INPUT FOR THIS TASK Start Marker
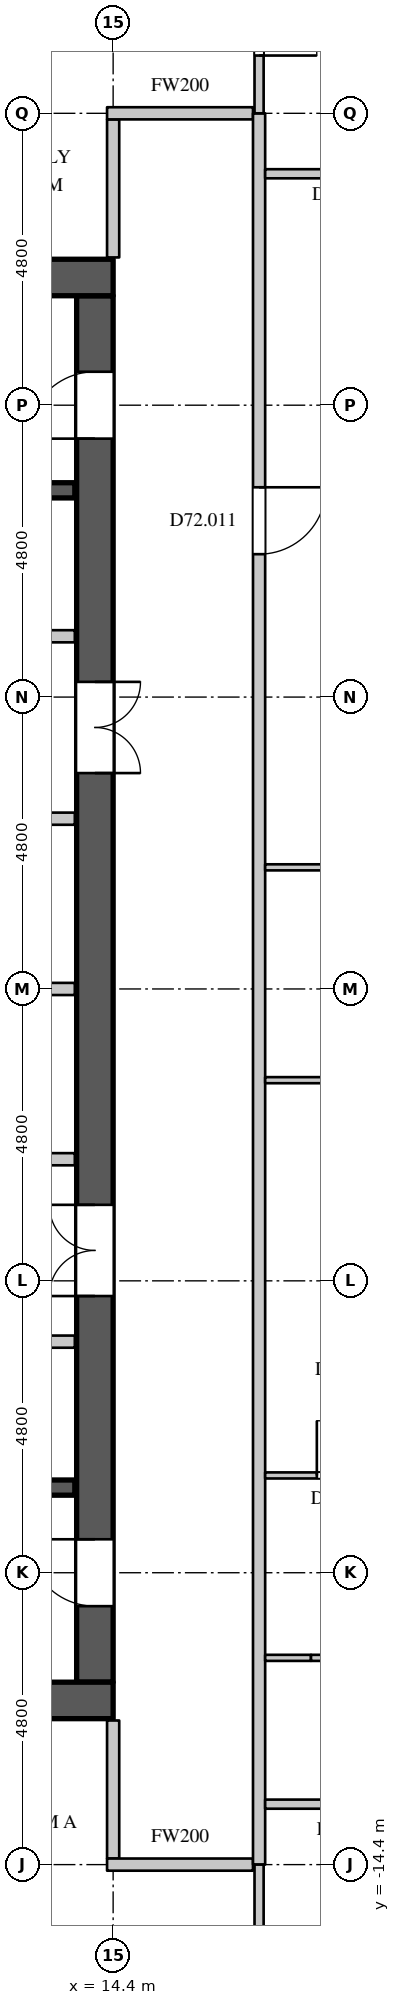
"""IFC4 building model, lengths in metres.
Left out: names, types, materials, properties, quantities, classifications, styles, units other than length and angle.
Written with IfcOpenShell. Run it as: python <this file> out.ifc"""

import sys

from ifc_helpers import new_model, si_unit, direction, frame, frame_2d, origin, place, context, subcontext, project, spatial, rectangle, extrude, element, fill, save


model = new_model("IFC4")
c1 = context("Model", 3, precision=1e-05, world=origin(), true_north=direction((0.0, 1.0)))
c2 = subcontext(c1, "Body", "Model", "MODEL_VIEW")
j1 = project(units=[si_unit("LENGTHUNIT", "METRE"), si_unit("PLANEANGLEUNIT", "RADIAN")], contexts=[c1])
p1 = place(None, origin())
s1 = spatial("IfcSite", under=j1, at=p1, CompositionType="ELEMENT")
p2 = place(p1, origin())
s2 = spatial("IfcBuilding", under=s1, at=p2, CompositionType="ELEMENT")
p3 = place(p2, frame((0.0, 0.0, 310.5)))
s3 = spatial("IfcBuildingStorey", under=s2, at=p3, CompositionType="ELEMENT", Elevation=310.5)
for number, where, z_axis, x_axis in (
    (1, (-14.4, 11.7, 0.0), (0.0, 0.0, 1.0), (1.0, 0.0, 0.0)),
    (2, (-14.4, -11.7, 0.0), (0.0, 0.0, 1.0), (1.0, 0.0, 0.0)),
):
    element("IfcWall", number, at=place(p3, frame(where, z_axis=z_axis, x_axis=x_axis)), inside=s3, PredefinedType="SHEAR", context=c2, shape_type="SweptSolid", body=[
        extrude(rectangle(XDim=28.8, YDim=0.6, at=frame_2d((14.4, 0.0))), origin(), (0.0, 0.0, 1.0), 4.2),
    ])
p4 = place(p3, frame((14.1, -11.4, 0.0), z_axis=(0.0, 0.0, 1.0), x_axis=(0.0, 1.0, 0.0)))
e3 = element("IfcWall", 3, at=p4, inside=s3, PredefinedType="SHEAR", context=c2, shape_type="SweptSolid", body=[
    extrude(rectangle(XDim=22.8, YDim=0.6, at=frame_2d((11.4, 0.0))), origin(), (0.0, 0.0, 1.0), 4.2),
])
p5 = place(p4, frame((20.45, 0.0, 0.0)))
e4 = element("IfcOpeningElement", 4, at=p5, cuts=e3, PredefinedType="OPENING", context=c2, shape_type="SweptSolid", body=[
    extrude(rectangle(XDim=1.1, YDim=2.2, at=frame_2d((0.55, 1.1))), frame((0.0, 0.31, 0.0), z_axis=(0.0, -1.0, 0.0), x_axis=(1.0, 0.0, 0.0)), (0.0, 0.0, 1.0), 0.62),
])
p6 = place(p4, frame((1.25, 0.0, 0.0)))
e5 = element("IfcOpeningElement", 5, at=p6, cuts=e3, PredefinedType="OPENING", context=c2, shape_type="SweptSolid", body=[
    extrude(rectangle(XDim=1.1, YDim=2.2, at=frame_2d((0.55, 1.1))), frame((0.0, 0.31, 0.0), z_axis=(0.0, -1.0, 0.0), x_axis=(1.0, 0.0, 0.0)), (0.0, 0.0, 1.0), 0.62),
])
p7 = place(p4, frame((14.95, 0.0, 0.0)))
e6 = element("IfcOpeningElement", 6, at=p7, cuts=e3, PredefinedType="OPENING", context=c2, shape_type="SweptSolid", body=[
    extrude(rectangle(XDim=1.5, YDim=2.4, at=frame_2d((0.75, 1.2))), frame((0.0, 0.31, 0.0), z_axis=(0.0, -1.0, 0.0), x_axis=(1.0, 0.0, 0.0)), (0.0, 0.0, 1.0), 0.62),
])
p8 = place(p4, frame((6.35, 0.0, 0.0)))
e7 = element("IfcOpeningElement", 7, at=p8, cuts=e3, PredefinedType="OPENING", context=c2, shape_type="SweptSolid", body=[
    extrude(rectangle(XDim=1.5, YDim=2.4, at=frame_2d((0.75, 1.2))), frame((0.0, 0.31, 0.0), z_axis=(0.0, -1.0, 0.0), x_axis=(1.0, 0.0, 0.0)), (0.0, 0.0, 1.0), 0.62),
])
p9 = place(p3, frame((14.4, -14.3, 0.0), z_axis=(0.0, 0.0, 1.0), x_axis=(0.0, 1.0, 0.0)))
e8 = element("IfcWall", 8, at=p9, inside=s3, PredefinedType="PARTITIONING", context=c2, shape_type="SweptSolid", body=[
    extrude(rectangle(XDim=2.27, YDim=0.2, at=frame_2d((1.135, 0.0))), origin(), (0.0, 0.0, 1.0), 3.9),
])
p10 = place(p3, frame((14.3, -14.4, 0.0), z_axis=(0.0, 0.0, 1.0), x_axis=(1.0, 0.0, 0.0)))
e9 = element("IfcWall", 9, at=p10, inside=s3, PredefinedType="PARTITIONING", context=c2, shape_type="SweptSolid", body=[
    extrude(rectangle(XDim=2.4, YDim=0.2, at=frame_2d((1.2, 0.0))), origin(), (0.0, 0.0, 1.0), 3.9),
])
p11 = place(p3, frame((14.4, 12.03, 0.0), z_axis=(0.0, 0.0, 1.0), x_axis=(0.0, 1.0, 0.0)))
e10 = element("IfcWall", 10, at=p11, inside=s3, PredefinedType="PARTITIONING", context=c2, shape_type="SweptSolid", body=[
    extrude(rectangle(XDim=2.27, YDim=0.2, at=frame_2d((1.135, 0.0))), origin(), (0.0, 0.0, 1.0), 3.9),
])
p12 = place(p3, frame((14.3, 14.4, 0.0), z_axis=(0.0, 0.0, 1.0), x_axis=(1.0, 0.0, 0.0)))
e11 = element("IfcWall", 11, at=p12, inside=s3, PredefinedType="PARTITIONING", context=c2, shape_type="SweptSolid", body=[
    extrude(rectangle(XDim=2.4, YDim=0.2, at=frame_2d((1.2, 0.0))), origin(), (0.0, 0.0, 1.0), 3.9),
])
p13 = place(p3, frame((16.8, -14.4, 0.0), z_axis=(0.0, 0.0, 1.0), x_axis=(0.0, 1.0, 0.0)))
e12 = element("IfcWall", 12, at=p13, inside=s3, PredefinedType="PARTITIONING", context=c2, shape_type="SweptSolid", body=[
    extrude(rectangle(XDim=28.8, YDim=0.2, at=frame_2d((14.4, 0.0))), origin(), (0.0, 0.0, 1.0), 3.9),
])
p14 = place(p13, frame((21.55, 0.0, 0.0)))
e13 = element("IfcOpeningElement", 13, at=p14, cuts=e12, PredefinedType="OPENING", context=c2, shape_type="SweptSolid", body=[
    extrude(rectangle(XDim=1.1, YDim=2.4, at=frame_2d((0.55, 1.2))), frame((0.0, 0.11, 0.0), z_axis=(0.0, -1.0, 0.0), x_axis=(1.0, 0.0, 0.0)), (0.0, 0.0, 1.0), 0.22),
])
p15 = place(p3, frame((16.8, -19.828, 0.0), z_axis=(0.0, 0.0, 1.0), x_axis=(0.0, 1.0, 0.0)))
e14 = element("IfcWall", 14, at=p15, inside=s3, PredefinedType="PARTITIONING", context=c2, shape_type="SweptSolid", body=[
    extrude(rectangle(XDim=5.428, YDim=0.15, at=frame_2d((2.714, 0.0))), origin(), (0.0, 0.0, 1.0), 3.9),
])
p16 = place(p15, frame((2.7, 0.0, 0.0)))
e15 = element("IfcOpeningElement", 15, at=p16, cuts=e14, PredefinedType="OPENING", context=c2, shape_type="SweptSolid", body=[
    extrude(rectangle(XDim=0.95, YDim=2.2, at=frame_2d((0.475, 1.1))), frame((0.0, 0.085, 0.0), z_axis=(0.0, -1.0, 0.0), x_axis=(1.0, 0.0, 0.0)), (0.0, 0.0, 1.0), 0.17),
])
p17 = place(p3, frame((16.9, -13.406, 0.0), z_axis=(0.0, 0.0, 1.0), x_axis=(1.0, 0.0, 0.0)))
e16 = element("IfcWall", 16, at=p17, inside=s3, PredefinedType="PARTITIONING", context=c2, shape_type="SweptSolid", body=[
    extrude(rectangle(XDim=8.324, YDim=0.15, at=frame_2d((4.162, 0.0))), origin(), (0.0, 0.0, 1.0), 3.9),
])
p18 = place(p17, frame((4.95, 0.0, 0.0)))
e17 = element("IfcOpeningElement", 17, at=p18, cuts=e16, PredefinedType="OPENING", context=c2, shape_type="SweptSolid", body=[
    extrude(rectangle(XDim=1.5, YDim=2.2, at=frame_2d((0.75, 1.1))), frame((0.0, 0.085, 0.0), z_axis=(0.0, -1.0, 0.0), x_axis=(1.0, 0.0, 0.0)), (0.0, 0.0, 1.0), 0.17),
])
p19 = place(p17, frame((0.95, 0.0, 0.0)))
e18 = element("IfcOpeningElement", 18, at=p19, cuts=e16, PredefinedType="OPENING", context=c2, shape_type="SweptSolid", body=[
    extrude(rectangle(XDim=0.9, YDim=2.2, at=frame_2d((0.45, 1.1))), frame((0.0, 0.085, 0.0), z_axis=(0.0, -1.0, 0.0), x_axis=(1.0, 0.0, 0.0)), (0.0, 0.0, 1.0), 0.17),
])
p20 = place(p3, frame((16.9, 13.406, 0.0), z_axis=(0.0, 0.0, 1.0), x_axis=(1.0, 0.0, 0.0)))
e19 = element("IfcWall", 19, at=p20, inside=s3, PredefinedType="PARTITIONING", context=c2, shape_type="SweptSolid", body=[
    extrude(rectangle(XDim=8.324, YDim=0.15, at=frame_2d((4.162, 0.0))), origin(), (0.0, 0.0, 1.0), 3.9),
])
p21 = place(p20, frame((1.2, 0.0, 0.0)))
e20 = element("IfcOpeningElement", 20, at=p21, cuts=e19, PredefinedType="OPENING", context=c2, shape_type="SweptSolid", body=[
    extrude(rectangle(XDim=0.95, YDim=2.2, at=frame_2d((0.475, 1.1))), frame((0.0, 0.085, 0.0), z_axis=(0.0, -1.0, 0.0), x_axis=(1.0, 0.0, 0.0)), (0.0, 0.0, 1.0), 0.17),
])
p22 = place(p3, frame((16.8, 14.4, 0.0), z_axis=(0.0, 0.0, 1.0), x_axis=(0.0, 1.0, 0.0)))
e21 = element("IfcWall", 21, at=p22, inside=s3, PredefinedType="PARTITIONING", context=c2, shape_type="SweptSolid", body=[
    extrude(rectangle(XDim=5.428, YDim=0.15, at=frame_2d((2.714, 0.0))), origin(), (0.0, 0.0, 1.0), 3.9),
])
p23 = place(p22, frame((0.95, 0.0, 0.0)))
e22 = element("IfcOpeningElement", 22, at=p23, cuts=e21, PredefinedType="OPENING", context=c2, shape_type="SweptSolid", body=[
    extrude(rectangle(XDim=0.95, YDim=2.2, at=frame_2d((0.475, 1.1))), frame((0.0, 0.085, 0.0), z_axis=(0.0, -1.0, 0.0), x_axis=(1.0, 0.0, 0.0)), (0.0, 0.0, 1.0), 0.17),
])
p24 = place(p3, frame((3.82, 5.8, 0.0), z_axis=(0.0, 0.0, 1.0), x_axis=(1.0, 0.0, 0.0)))
e23 = element("IfcWall", 23, at=p24, inside=s3, PredefinedType="PARTITIONING", context=c2, shape_type="SweptSolid", body=[
    extrude(rectangle(XDim=9.95, YDim=0.2, at=frame_2d((4.975, 0.0))), origin(), (0.0, 0.0, 1.0), 3.9),
])
p25 = place(p24, frame((4.5, 0.0, 0.0)))
e24 = element("IfcOpeningElement", 24, at=p25, cuts=e23, PredefinedType="OPENING", context=c2, shape_type="SweptSolid", body=[
    extrude(rectangle(XDim=0.9, YDim=2.2, at=frame_2d((0.45, 1.1))), frame((0.0, 0.11, 0.0), z_axis=(0.0, -1.0, 0.0), x_axis=(1.0, 0.0, 0.0)), (0.0, 0.0, 1.0), 0.22),
])
p26 = place(p3, frame((7.8, -2.8, 0.0), z_axis=(0.0, 0.0, 1.0), x_axis=(1.0, 0.0, 0.0)))
e25 = element("IfcWall", 25, at=p26, inside=s3, PredefinedType="PARTITIONING", context=c2, shape_type="SweptSolid", body=[
    extrude(rectangle(XDim=5.97, YDim=0.2, at=frame_2d((2.985, 0.0))), origin(), (0.0, 0.0, 1.0), 3.9),
])
p27 = place(p26, frame((2.55, 0.0, 0.0)))
e26 = element("IfcOpeningElement", 26, at=p27, cuts=e25, PredefinedType="OPENING", context=c2, shape_type="SweptSolid", body=[
    extrude(rectangle(XDim=0.9, YDim=2.2, at=frame_2d((0.45, 1.1))), frame((0.0, 0.11, 0.0), z_axis=(0.0, -1.0, 0.0), x_axis=(1.0, 0.0, 0.0)), (0.0, 0.0, 1.0), 0.22),
])
p28 = place(p3, frame((7.8, 0.0, 0.0), z_axis=(0.0, 0.0, 1.0), x_axis=(1.0, 0.0, 0.0)))
e27 = element("IfcWall", 27, at=p28, inside=s3, PredefinedType="PARTITIONING", context=c2, shape_type="SweptSolid", body=[
    extrude(rectangle(XDim=5.97, YDim=0.2, at=frame_2d((2.985, 0.0))), origin(), (0.0, 0.0, 1.0), 3.9),
])
p29 = place(p3, frame((8.42, -5.8, 0.0), z_axis=(0.0, 0.0, 1.0), x_axis=(1.0, 0.0, 0.0)))
e28 = element("IfcWall", 28, at=p29, inside=s3, PredefinedType="PARTITIONING", context=c2, shape_type="SweptSolid", body=[
    extrude(rectangle(XDim=5.35, YDim=0.2, at=frame_2d((2.675, 0.0))), origin(), (0.0, 0.0, 1.0), 3.9),
])
p30 = place(p29, frame((2.25, 0.0, 0.0)))
e29 = element("IfcOpeningElement", 29, at=p30, cuts=e28, PredefinedType="OPENING", context=c2, shape_type="SweptSolid", body=[
    extrude(rectangle(XDim=0.9, YDim=2.2, at=frame_2d((0.45, 1.1))), frame((0.0, 0.11, 0.0), z_axis=(0.0, -1.0, 0.0), x_axis=(1.0, 0.0, 0.0)), (0.0, 0.0, 1.0), 0.22),
])
p31 = place(p3, frame((10.42, 2.8, 0.0), z_axis=(0.0, 0.0, 1.0), x_axis=(1.0, 0.0, 0.0)))
e30 = element("IfcWall", 30, at=p31, inside=s3, PredefinedType="PARTITIONING", context=c2, shape_type="SweptSolid", body=[
    extrude(rectangle(XDim=3.35, YDim=0.2, at=frame_2d((1.675, 0.0))), origin(), (0.0, 0.0, 1.0), 3.9),
])
p32 = place(p31, frame((1.35, 0.0, 0.0)))
e31 = element("IfcOpeningElement", 31, at=p32, cuts=e30, PredefinedType="OPENING", context=c2, shape_type="SweptSolid", body=[
    extrude(rectangle(XDim=0.6, YDim=2.0, at=frame_2d((0.3, 1.0))), frame((0.0, 0.11, 0.0), z_axis=(0.0, -1.0, 0.0), x_axis=(1.0, 0.0, 0.0)), (0.0, 0.0, 1.0), 0.22),
])
for number, where, z_axis, x_axis in (
    (32, (5.275, -8.2, 0.0), (0.0, 0.0, 1.0), (1.0, 0.0, 0.0)),
    (33, (5.275, 8.2, 0.0), (0.0, 0.0, 1.0), (1.0, 0.0, 0.0)),
):
    element("IfcWall", number, at=place(p3, frame(where, z_axis=z_axis, x_axis=x_axis)), inside=s3, PredefinedType="SHEAR", context=c2, shape_type="SweptSolid", body=[
        extrude(rectangle(XDim=8.495, YDim=0.25, at=frame_2d((4.248, 0.0))), origin(), (0.0, 0.0, 1.0), 3.9),
    ])
p33 = place(p3, frame((16.9, -11.0, 0.0), z_axis=(0.0, 0.0, 1.0), x_axis=(1.0, 0.0, 0.0)))
e34 = element("IfcWall", 34, at=p33, inside=s3, PredefinedType="PARTITIONING", context=c2, shape_type="SweptSolid", body=[
    extrude(rectangle(XDim=0.754, YDim=0.1, at=frame_2d((0.377, 0.0))), origin(), (0.0, 0.0, 1.0), 3.3),
])
p34 = place(p3, frame((17.654, -11.0, 0.0), z_axis=(0.0, 0.0, 1.0), x_axis=(1.0, 0.0, 0.0)))
e35 = element("IfcWall", 35, at=p34, inside=s3, PredefinedType="PARTITIONING", context=c2, shape_type="SweptSolid", body=[
    extrude(rectangle(XDim=1.921, YDim=0.1, at=frame_2d((0.96, 0.0))), origin(), (0.0, 0.0, 1.0), 3.9),
])
p35 = place(p3, frame((16.9, -8.0, 0.0), z_axis=(0.0, 0.0, 1.0), x_axis=(1.0, 0.0, 0.0)))
e36 = element("IfcWall", 36, at=p35, inside=s3, PredefinedType="PARTITIONING", context=c2, shape_type="SweptSolid", body=[
    extrude(rectangle(XDim=2.675, YDim=0.1, at=frame_2d((1.337, 0.0))), origin(), (0.0, 0.0, 1.0), 3.9),
])
p36 = place(p35, frame((0.85, 0.0, 0.0)))
e37 = element("IfcOpeningElement", 37, at=p36, cuts=e36, PredefinedType="OPENING", context=c2, shape_type="SweptSolid", body=[
    extrude(rectangle(XDim=0.9, YDim=2.2, at=frame_2d((0.45, 1.1))), frame((0.0, 0.06, 0.0), z_axis=(0.0, -1.0, 0.0), x_axis=(1.0, 0.0, 0.0)), (0.0, 0.0, 1.0), 0.12),
])
p37 = place(p3, frame((16.9, -1.5, 0.0), z_axis=(0.0, 0.0, 1.0), x_axis=(1.0, 0.0, 0.0)))
e38 = element("IfcWall", 38, at=p37, inside=s3, PredefinedType="PARTITIONING", context=c2, shape_type="SweptSolid", body=[
    extrude(rectangle(XDim=3.625, YDim=0.1, at=frame_2d((1.812, 0.0))), origin(), (0.0, 0.0, 1.0), 3.9),
])
p38 = place(p3, frame((16.9, 2.0, 0.0), z_axis=(0.0, 0.0, 1.0), x_axis=(1.0, 0.0, 0.0)))
e39 = element("IfcWall", 39, at=p38, inside=s3, PredefinedType="PARTITIONING", context=c2, shape_type="SweptSolid", body=[
    extrude(rectangle(XDim=3.65, YDim=0.1, at=frame_2d((1.825, 0.0))), origin(), (0.0, 0.0, 1.0), 3.9),
])
p39 = place(p38, frame((1.35, 0.0, 0.0)))
e40 = element("IfcOpeningElement", 40, at=p39, cuts=e39, PredefinedType="OPENING", context=c2, shape_type="SweptSolid", body=[
    extrude(rectangle(XDim=0.9, YDim=2.2, at=frame_2d((0.45, 1.1))), frame((0.0, 0.06, 0.0), z_axis=(0.0, -1.0, 0.0), x_axis=(1.0, 0.0, 0.0)), (0.0, 0.0, 1.0), 0.12),
])
p40 = place(p5, origin())
e41 = element("IfcDoor", 41, at=p40, inside=s3, OperationType="SINGLE_SWING_LEFT", PredefinedType="DOOR", context=c2, shape_type="SweptSolid", body=[
    extrude(rectangle(XDim=1.1, YDim=2.2, at=frame_2d((0.55, 1.1))), frame((0.0, 0.295, 0.0), z_axis=(0.0, -1.0, 0.0), x_axis=(1.0, 0.0, 0.0)), (0.0, 0.0, 1.0), 0.05),
])
fill(e4, e41)
p41 = place(p6, origin())
e42 = element("IfcDoor", 42, at=p41, inside=s3, OperationType="SINGLE_SWING_RIGHT", PredefinedType="DOOR", context=c2, shape_type="SweptSolid", body=[
    extrude(rectangle(XDim=1.1, YDim=2.2, at=frame_2d((0.55, 1.1))), frame((0.0, 0.295, 0.0), z_axis=(0.0, -1.0, 0.0), x_axis=(1.0, 0.0, 0.0)), (0.0, 0.0, 1.0), 0.05),
])
fill(e5, e42)
p42 = place(p7, origin())
e43 = element("IfcDoor", 43, at=p42, inside=s3, OperationType="DOUBLE_DOOR_SINGLE_SWING", PredefinedType="DOOR", context=c2, shape_type="SweptSolid", body=[
    extrude(rectangle(XDim=1.5, YDim=2.4, at=frame_2d((0.75, 1.2))), frame((0.0, -0.245, 0.0), z_axis=(0.0, -1.0, 0.0), x_axis=(1.0, 0.0, 0.0)), (0.0, 0.0, 1.0), 0.05),
])
fill(e6, e43)
p43 = place(p8, origin())
e44 = element("IfcDoor", 44, at=p43, inside=s3, OperationType="DOUBLE_DOOR_SINGLE_SWING", PredefinedType="DOOR", context=c2, shape_type="SweptSolid", body=[
    extrude(rectangle(XDim=1.5, YDim=2.4, at=frame_2d((0.75, 1.2))), frame((0.0, 0.295, 0.0), z_axis=(0.0, -1.0, 0.0), x_axis=(1.0, 0.0, 0.0)), (0.0, 0.0, 1.0), 0.05),
])
fill(e7, e44)
p44 = place(p14, origin())
e45 = element("IfcDoor", 45, at=p44, inside=s3, OperationType="SINGLE_SWING_LEFT", PredefinedType="DOOR", context=c2, shape_type="SweptSolid", body=[
    extrude(rectangle(XDim=1.1, YDim=2.4, at=frame_2d((0.55, 1.2))), frame((0.0, 0.025, 0.0), z_axis=(0.0, -1.0, 0.0), x_axis=(1.0, 0.0, 0.0)), (0.0, 0.0, 1.0), 0.05),
])
fill(e13, e45)
p45 = place(p23, origin())
e46 = element("IfcDoor", 46, at=p45, inside=s3, OperationType="SINGLE_SWING_RIGHT", PredefinedType="DOOR", context=c2, shape_type="SweptSolid", body=[
    extrude(rectangle(XDim=0.95, YDim=2.2, at=frame_2d((0.475, 1.1))), frame((0.0, 0.025, 0.0), z_axis=(0.0, -1.0, 0.0), x_axis=(1.0, 0.0, 0.0)), (0.0, 0.0, 1.0), 0.05),
])
fill(e22, e46)
p46 = place(p36, origin())
e47 = element("IfcDoor", 47, at=p46, inside=s3, OperationType="SINGLE_SWING_LEFT", PredefinedType="DOOR", context=c2, shape_type="SweptSolid", body=[
    extrude(rectangle(XDim=0.9, YDim=2.2, at=frame_2d((0.45, 1.1))), frame((0.0, 0.025, 0.0), z_axis=(0.0, -1.0, 0.0), x_axis=(1.0, 0.0, 0.0)), (0.0, 0.0, 1.0), 0.05),
])
fill(e37, e47)
save(model, sys.argv[1])
INPUT FOR THIS TASK End Marker
All the lines that hold the word "fill" must appear in the answer, copied from the records.

from ifc_helpers import new_model, si_unit, direction, frame, frame_2d, origin, place, context, subcontext, project, spatial, rectangle, extrude, element, fill, save
fill(e4, e41)
fill(e5, e42)
fill(e6, e43)
fill(e7, e44)
fill(e13, e45)
fill(e22, e46)
fill(e37, e47)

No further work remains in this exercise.